* [YOUR GOAL]: An exact copy of the lines from the top of the data through the line with "p3 = place(p2, frame((0.0, 0.0, 189.6)))" is what you should give, with no pictures in it.

[Records from a data source]
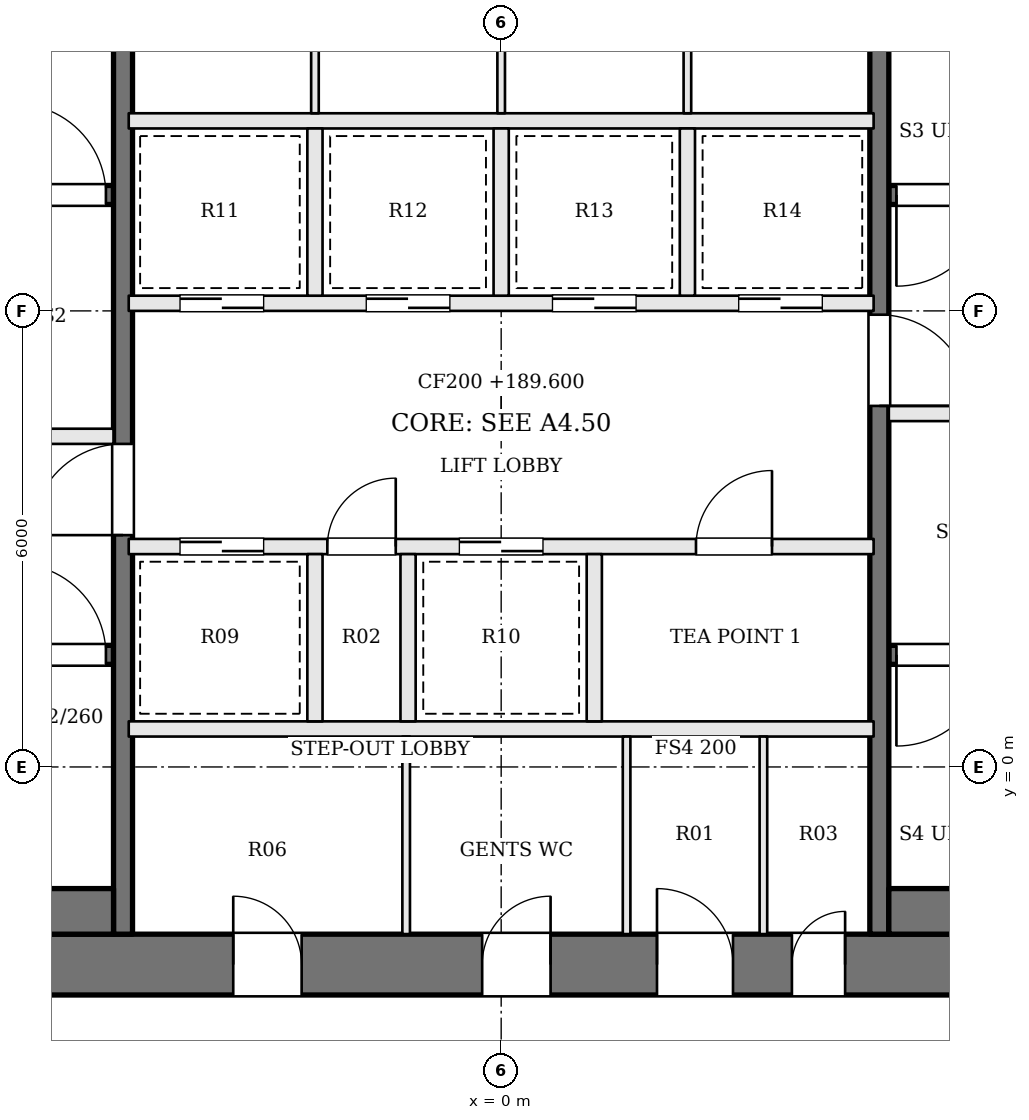
"""IFC4 building model, lengths in metres.
Left out: names, types, materials, properties, quantities, classifications, styles, units other than length and angle.
Written with IfcOpenShell. Run it as: python <this file> out.ifc"""

import sys

from ifc_helpers import new_model, si_unit, direction, frame, frame_2d, origin, place, context, subcontext, project, spatial, rectangle, extrude, element, fill, save


model = new_model("IFC4")
c1 = context("Model", 3, precision=1e-05, world=origin(), true_north=direction((0.0, 1.0)))
c2 = subcontext(c1, "Body", "Model", "MODEL_VIEW")
j1 = project(units=[si_unit("LENGTHUNIT", "METRE"), si_unit("PLANEANGLEUNIT", "RADIAN")], contexts=[c1])
p1 = place(None, origin())
s1 = spatial("IfcSite", under=j1, at=p1, CompositionType="ELEMENT")
p2 = place(p1, origin())
s2 = spatial("IfcBuilding", under=s1, at=p2, CompositionType="ELEMENT")
p3 = place(p2, frame((0.0, 0.0, 189.6)))
s3 = spatial("IfcBuildingStorey", under=s2, at=p3, CompositionType="ELEMENT", Elevation=189.6)
p4 = place(p3, frame((-13.0, -2.6, 0.0), z_axis=(0.0, 0.0, 1.0), x_axis=(1.0, 0.0, 0.0)))
e1 = element("IfcWall", 1, at=p4, inside=s3, PredefinedType="SHEAR", context=c2, shape_type="SweptSolid", body=[
    extrude(rectangle(XDim=26.0, YDim=0.8, at=frame_2d((13.0, 0.0))), origin(), (0.0, 0.0, 1.0), 3.9),
])
p5 = place(p4, frame((9.475, 0.0, 0.0)))
e2 = element("IfcOpeningElement", 2, at=p5, cuts=e1, PredefinedType="OPENING", context=c2, shape_type="SweptSolid", body=[
    extrude(rectangle(XDim=0.9, YDim=2.1, at=frame_2d((0.45, 1.05))), frame((0.0, 0.41, 0.0), z_axis=(0.0, -1.0, 0.0), x_axis=(1.0, 0.0, 0.0)), (0.0, 0.0, 1.0), 0.82),
])
p6 = place(p4, frame((12.75, 0.0, 0.0)))
e3 = element("IfcOpeningElement", 3, at=p6, cuts=e1, PredefinedType="OPENING", context=c2, shape_type="SweptSolid", body=[
    extrude(rectangle(XDim=0.9, YDim=2.1, at=frame_2d((0.45, 1.05))), frame((0.0, 0.41, 0.0), z_axis=(0.0, -1.0, 0.0), x_axis=(1.0, 0.0, 0.0)), (0.0, 0.0, 1.0), 0.82),
])
p7 = place(p4, frame((15.05, 0.0, 0.0)))
e4 = element("IfcOpeningElement", 4, at=p7, cuts=e1, PredefinedType="OPENING", context=c2, shape_type="SweptSolid", body=[
    extrude(rectangle(XDim=1.0, YDim=2.1, at=frame_2d((0.5, 1.05))), frame((0.0, 0.41, 0.0), z_axis=(0.0, -1.0, 0.0), x_axis=(1.0, 0.0, 0.0)), (0.0, 0.0, 1.0), 0.82),
])
p8 = place(p4, frame((16.825, 0.0, 0.0)))
e5 = element("IfcOpeningElement", 5, at=p8, cuts=e1, PredefinedType="OPENING", context=c2, shape_type="SweptSolid", body=[
    extrude(rectangle(XDim=0.7, YDim=2.1, at=frame_2d((0.35, 1.05))), frame((0.0, 0.41, 0.0), z_axis=(0.0, -1.0, 0.0), x_axis=(1.0, 0.0, 0.0)), (0.0, 0.0, 1.0), 0.82),
])
p9 = place(p3, frame((-12.2, 1.475, 0.0), z_axis=(0.0, 0.0, 1.0), x_axis=(1.0, 0.0, 0.0)))
e6 = element("IfcWall", 6, at=p9, inside=s3, PredefinedType="SOLIDWALL", context=c2, shape_type="SweptSolid", body=[
    extrude(rectangle(XDim=7.1, YDim=0.25, at=frame_2d((3.55, 0.0))), origin(), (0.0, 0.0, 1.0), 3.7),
])
p10 = place(p9, frame((5.8, 0.0, 0.0)))
e7 = element("IfcOpeningElement", 7, at=p10, cuts=e6, PredefinedType="OPENING", context=c2, shape_type="SweptSolid", body=[
    extrude(rectangle(XDim=1.2, YDim=2.1, at=frame_2d((0.6, 1.05))), frame((0.0, 0.135, 0.0), z_axis=(0.0, -1.0, 0.0), x_axis=(1.0, 0.0, 0.0)), (0.0, 0.0, 1.0), 0.27),
])
p11 = place(p3, frame((12.2, 7.525, 0.0), z_axis=(0.0, 0.0, 1.0), x_axis=(-1.0, 0.0, 0.0)))
e8 = element("IfcWall", 8, at=p11, inside=s3, PredefinedType="SOLIDWALL", context=c2, shape_type="SweptSolid", body=[
    extrude(rectangle(XDim=7.1, YDim=0.25, at=frame_2d((3.55, 0.0))), origin(), (0.0, 0.0, 1.0), 3.7),
])
p12 = place(p11, frame((5.8, 0.0, 0.0)))
e9 = element("IfcOpeningElement", 9, at=p12, cuts=e8, PredefinedType="OPENING", context=c2, shape_type="SweptSolid", body=[
    extrude(rectangle(XDim=1.2, YDim=2.1, at=frame_2d((0.6, 1.05))), frame((0.0, 0.135, 0.0), z_axis=(0.0, -1.0, 0.0), x_axis=(1.0, 0.0, 0.0)), (0.0, 0.0, 1.0), 0.27),
])
p13 = place(p3, frame((-12.2, 4.35, 0.0), z_axis=(0.0, 0.0, 1.0), x_axis=(1.0, 0.0, 0.0)))
e10 = element("IfcWall", 10, at=p13, inside=s3, PredefinedType="SOLIDWALL", context=c2, shape_type="SweptSolid", body=[
    extrude(rectangle(XDim=7.1, YDim=0.2, at=frame_2d((3.55, 0.0))), origin(), (0.0, 0.0, 1.0), 3.7),
])
p14 = place(p13, frame((4.4, 0.0, 0.0)))
e11 = element("IfcOpeningElement", 11, at=p14, cuts=e10, PredefinedType="OPENING", context=c2, shape_type="SweptSolid", body=[
    extrude(rectangle(XDim=1.2, YDim=2.1, at=frame_2d((0.6, 1.05))), frame((0.0, 0.11, 0.0), z_axis=(0.0, -1.0, 0.0), x_axis=(1.0, 0.0, 0.0)), (0.0, 0.0, 1.0), 0.22),
])
p15 = place(p13, frame((1.1, 0.0, 0.0)))
e12 = element("IfcOpeningElement", 12, at=p15, cuts=e10, PredefinedType="OPENING", context=c2, shape_type="SweptSolid", body=[
    extrude(rectangle(XDim=1.2, YDim=2.1, at=frame_2d((0.6, 1.05))), frame((0.0, 0.11, 0.0), z_axis=(0.0, -1.0, 0.0), x_axis=(1.0, 0.0, 0.0)), (0.0, 0.0, 1.0), 0.22),
])
p16 = place(p3, frame((12.2, 4.65, 0.0), z_axis=(0.0, 0.0, 1.0), x_axis=(-1.0, 0.0, 0.0)))
e13 = element("IfcWall", 13, at=p16, inside=s3, PredefinedType="SOLIDWALL", context=c2, shape_type="SweptSolid", body=[
    extrude(rectangle(XDim=7.1, YDim=0.2, at=frame_2d((3.55, 0.0))), origin(), (0.0, 0.0, 1.0), 3.7),
])
p17 = place(p16, frame((4.4, 0.0, 0.0)))
e14 = element("IfcOpeningElement", 14, at=p17, cuts=e13, PredefinedType="OPENING", context=c2, shape_type="SweptSolid", body=[
    extrude(rectangle(XDim=1.2, YDim=2.1, at=frame_2d((0.6, 1.05))), frame((0.0, 0.11, 0.0), z_axis=(0.0, -1.0, 0.0), x_axis=(1.0, 0.0, 0.0)), (0.0, 0.0, 1.0), 0.22),
])
p18 = place(p16, frame((1.1, 0.0, 0.0)))
e15 = element("IfcOpeningElement", 15, at=p18, cuts=e13, PredefinedType="OPENING", context=c2, shape_type="SweptSolid", body=[
    extrude(rectangle(XDim=1.2, YDim=2.1, at=frame_2d((0.6, 1.05))), frame((0.0, 0.11, 0.0), z_axis=(0.0, -1.0, 0.0), x_axis=(1.0, 0.0, 0.0)), (0.0, 0.0, 1.0), 0.22),
])
p19 = place(p3, frame((-12.2, 7.525, 0.0), z_axis=(0.0, 0.0, 1.0), x_axis=(1.0, 0.0, 0.0)))
e16 = element("IfcWall", 16, at=p19, inside=s3, PredefinedType="SOLIDWALL", context=c2, shape_type="SweptSolid", body=[
    extrude(rectangle(XDim=7.1, YDim=0.25, at=frame_2d((3.55, 0.0))), origin(), (0.0, 0.0, 1.0), 3.7),
])
p20 = place(p19, frame((5.8, 0.0, 0.0)))
e17 = element("IfcOpeningElement", 17, at=p20, cuts=e16, PredefinedType="OPENING", context=c2, shape_type="SweptSolid", body=[
    extrude(rectangle(XDim=1.2, YDim=2.1, at=frame_2d((0.6, 1.05))), frame((0.0, 0.135, 0.0), z_axis=(0.0, -1.0, 0.0), x_axis=(1.0, 0.0, 0.0)), (0.0, 0.0, 1.0), 0.27),
])
p21 = place(p3, frame((12.2, 1.475, 0.0), z_axis=(0.0, 0.0, 1.0), x_axis=(-1.0, 0.0, 0.0)))
e18 = element("IfcWall", 18, at=p21, inside=s3, PredefinedType="SOLIDWALL", context=c2, shape_type="SweptSolid", body=[
    extrude(rectangle(XDim=7.1, YDim=0.25, at=frame_2d((3.55, 0.0))), origin(), (0.0, 0.0, 1.0), 3.7),
])
p22 = place(p21, frame((5.8, 0.0, 0.0)))
e19 = element("IfcOpeningElement", 19, at=p22, cuts=e18, PredefinedType="OPENING", context=c2, shape_type="SweptSolid", body=[
    extrude(rectangle(XDim=1.2, YDim=2.1, at=frame_2d((0.6, 1.05))), frame((0.0, 0.135, 0.0), z_axis=(0.0, -1.0, 0.0), x_axis=(1.0, 0.0, 0.0)), (0.0, 0.0, 1.0), 0.27),
])
p23 = place(p3, frame((-4.975, -2.2, 0.0), z_axis=(0.0, 0.0, 1.0), x_axis=(0.0, 1.0, 0.0)))
e20 = element("IfcWall", 20, at=p23, inside=s3, PredefinedType="SOLIDWALL", context=c2, shape_type="SweptSolid", body=[
    extrude(rectangle(XDim=13.4, YDim=0.25, at=frame_2d((6.7, 0.0))), origin(), (0.0, 0.0, 1.0), 3.7),
])
p24 = place(p23, frame((5.25, 0.0, 0.0)))
e21 = element("IfcOpeningElement", 21, at=p24, cuts=e20, PredefinedType="OPENING", context=c2, shape_type="SweptSolid", body=[
    extrude(rectangle(XDim=1.2, YDim=2.1, at=frame_2d((0.6, 1.05))), frame((0.0, 0.135, 0.0), z_axis=(0.0, -1.0, 0.0), x_axis=(1.0, 0.0, 0.0)), (0.0, 0.0, 1.0), 0.27),
])
p25 = place(p3, frame((4.975, 11.2, 0.0), z_axis=(0.0, 0.0, 1.0), x_axis=(0.0, -1.0, 0.0)))
e22 = element("IfcWall", 22, at=p25, inside=s3, PredefinedType="SOLIDWALL", context=c2, shape_type="SweptSolid", body=[
    extrude(rectangle(XDim=13.4, YDim=0.25, at=frame_2d((6.7, 0.0))), origin(), (0.0, 0.0, 1.0), 3.7),
])
p26 = place(p25, frame((5.25, 0.0, 0.0)))
e23 = element("IfcOpeningElement", 23, at=p26, cuts=e22, PredefinedType="OPENING", context=c2, shape_type="SweptSolid", body=[
    extrude(rectangle(XDim=1.2, YDim=2.1, at=frame_2d((0.6, 1.05))), frame((0.0, 0.135, 0.0), z_axis=(0.0, -1.0, 0.0), x_axis=(1.0, 0.0, 0.0)), (0.0, 0.0, 1.0), 0.27),
])
for number, where, z_axis, x_axis in (
    (24, (-12.2, -1.9, 0.0), (0.0, 0.0, 1.0), (1.0, 0.0, 0.0)),
    (25, (12.2, -1.9, 0.0), (0.0, 0.0, 1.0), (-1.0, 0.0, 0.0)),
):
    element("IfcWall", number, at=place(p3, frame(where, z_axis=z_axis, x_axis=x_axis)), inside=s3, PredefinedType="SOLIDWALL", context=c2, shape_type="SweptSolid", body=[
        extrude(rectangle(XDim=7.1, YDim=0.6, at=frame_2d((3.55, 0.0))), origin(), (0.0, 0.0, 1.0), 3.7),
    ])
p27 = place(p3, frame((-4.9, 0.5, 0.0), z_axis=(0.0, 0.0, 1.0), x_axis=(1.0, 0.0, 0.0)))
e26 = element("IfcWall", 26, at=p27, inside=s3, PredefinedType="SOLIDWALL", context=c2, shape_type="SweptSolid", body=[
    extrude(rectangle(XDim=9.8, YDim=0.2, at=frame_2d((4.9, 0.0))), origin(), (0.0, 0.0, 1.0), 3.7),
])
p28 = place(p3, frame((-4.9, 2.9, 0.0), z_axis=(0.0, 0.0, 1.0), x_axis=(1.0, 0.0, 0.0)))
e27 = element("IfcWall", 27, at=p28, inside=s3, PredefinedType="SOLIDWALL", context=c2, shape_type="SweptSolid", body=[
    extrude(rectangle(XDim=9.8, YDim=0.2, at=frame_2d((4.9, 0.0))), origin(), (0.0, 0.0, 1.0), 3.7),
])
p29 = place(p28, frame((0.675, 0.0, 0.0)))
e28 = element("IfcOpeningElement", 28, at=p29, cuts=e27, PredefinedType="OPENING", context=c2, shape_type="SweptSolid", body=[
    extrude(rectangle(XDim=1.1, YDim=2.1, at=frame_2d((0.55, 1.05))), frame((0.0, 0.11, 0.0), z_axis=(0.0, -1.0, 0.0), x_axis=(1.0, 0.0, 0.0)), (0.0, 0.0, 1.0), 0.22),
])
p30 = place(p28, frame((2.613, 0.0, 0.0)))
e29 = element("IfcOpeningElement", 29, at=p30, cuts=e27, PredefinedType="OPENING", context=c2, shape_type="SweptSolid", body=[
    extrude(rectangle(XDim=0.9, YDim=2.1, at=frame_2d((0.45, 1.05))), frame((0.0, 0.11, 0.0), z_axis=(0.0, -1.0, 0.0), x_axis=(1.0, 0.0, 0.0)), (0.0, 0.0, 1.0), 0.22),
])
p31 = place(p28, frame((4.35, 0.0, 0.0)))
e30 = element("IfcOpeningElement", 30, at=p31, cuts=e27, PredefinedType="OPENING", context=c2, shape_type="SweptSolid", body=[
    extrude(rectangle(XDim=1.1, YDim=2.1, at=frame_2d((0.55, 1.05))), frame((0.0, 0.11, 0.0), z_axis=(0.0, -1.0, 0.0), x_axis=(1.0, 0.0, 0.0)), (0.0, 0.0, 1.0), 0.22),
])
p32 = place(p28, frame((7.463, 0.0, 0.0)))
e31 = element("IfcOpeningElement", 31, at=p32, cuts=e27, PredefinedType="OPENING", context=c2, shape_type="SweptSolid", body=[
    extrude(rectangle(XDim=1.0, YDim=2.1, at=frame_2d((0.5, 1.05))), frame((0.0, 0.11, 0.0), z_axis=(0.0, -1.0, 0.0), x_axis=(1.0, 0.0, 0.0)), (0.0, 0.0, 1.0), 0.22),
])
p33 = place(p3, frame((-4.9, 6.1, 0.0), z_axis=(0.0, 0.0, 1.0), x_axis=(1.0, 0.0, 0.0)))
e32 = element("IfcWall", 32, at=p33, inside=s3, PredefinedType="SOLIDWALL", context=c2, shape_type="SweptSolid", body=[
    extrude(rectangle(XDim=9.8, YDim=0.2, at=frame_2d((4.9, 0.0))), origin(), (0.0, 0.0, 1.0), 3.7),
])
p34 = place(p33, frame((0.675, 0.0, 0.0)))
e33 = element("IfcOpeningElement", 33, at=p34, cuts=e32, PredefinedType="OPENING", context=c2, shape_type="SweptSolid", body=[
    extrude(rectangle(XDim=1.1, YDim=2.1, at=frame_2d((0.55, 1.05))), frame((0.0, 0.11, 0.0), z_axis=(0.0, -1.0, 0.0), x_axis=(1.0, 0.0, 0.0)), (0.0, 0.0, 1.0), 0.22),
])
p35 = place(p33, frame((3.125, 0.0, 0.0)))
e34 = element("IfcOpeningElement", 34, at=p35, cuts=e32, PredefinedType="OPENING", context=c2, shape_type="SweptSolid", body=[
    extrude(rectangle(XDim=1.1, YDim=2.1, at=frame_2d((0.55, 1.05))), frame((0.0, 0.11, 0.0), z_axis=(0.0, -1.0, 0.0), x_axis=(1.0, 0.0, 0.0)), (0.0, 0.0, 1.0), 0.22),
])
p36 = place(p33, frame((5.575, 0.0, 0.0)))
e35 = element("IfcOpeningElement", 35, at=p36, cuts=e32, PredefinedType="OPENING", context=c2, shape_type="SweptSolid", body=[
    extrude(rectangle(XDim=1.1, YDim=2.1, at=frame_2d((0.55, 1.05))), frame((0.0, 0.11, 0.0), z_axis=(0.0, -1.0, 0.0), x_axis=(1.0, 0.0, 0.0)), (0.0, 0.0, 1.0), 0.22),
])
p37 = place(p33, frame((8.025, 0.0, 0.0)))
e36 = element("IfcOpeningElement", 36, at=p37, cuts=e32, PredefinedType="OPENING", context=c2, shape_type="SweptSolid", body=[
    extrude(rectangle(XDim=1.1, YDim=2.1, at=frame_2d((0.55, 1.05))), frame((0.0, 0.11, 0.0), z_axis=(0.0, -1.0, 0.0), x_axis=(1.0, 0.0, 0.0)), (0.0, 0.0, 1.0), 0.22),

* [RESULT BELOW]:
"""IFC4 building model, lengths in metres.
Left out: names, types, materials, properties, quantities, classifications, styles, units other than length and angle.
Written with IfcOpenShell. Run it as: python <this file> out.ifc"""

import sys

from ifc_helpers import new_model, si_unit, direction, frame, frame_2d, origin, place, context, subcontext, project, spatial, rectangle, extrude, element, fill, save


model = new_model("IFC4")
c1 = context("Model", 3, precision=1e-05, world=origin(), true_north=direction((0.0, 1.0)))
c2 = subcontext(c1, "Body", "Model", "MODEL_VIEW")
j1 = project(units=[si_unit("LENGTHUNIT", "METRE"), si_unit("PLANEANGLEUNIT", "RADIAN")], contexts=[c1])
p1 = place(None, origin())
s1 = spatial("IfcSite", under=j1, at=p1, CompositionType="ELEMENT")
p2 = place(p1, origin())
s2 = spatial("IfcBuilding", under=s1, at=p2, CompositionType="ELEMENT")
p3 = place(p2, frame((0.0, 0.0, 189.6)))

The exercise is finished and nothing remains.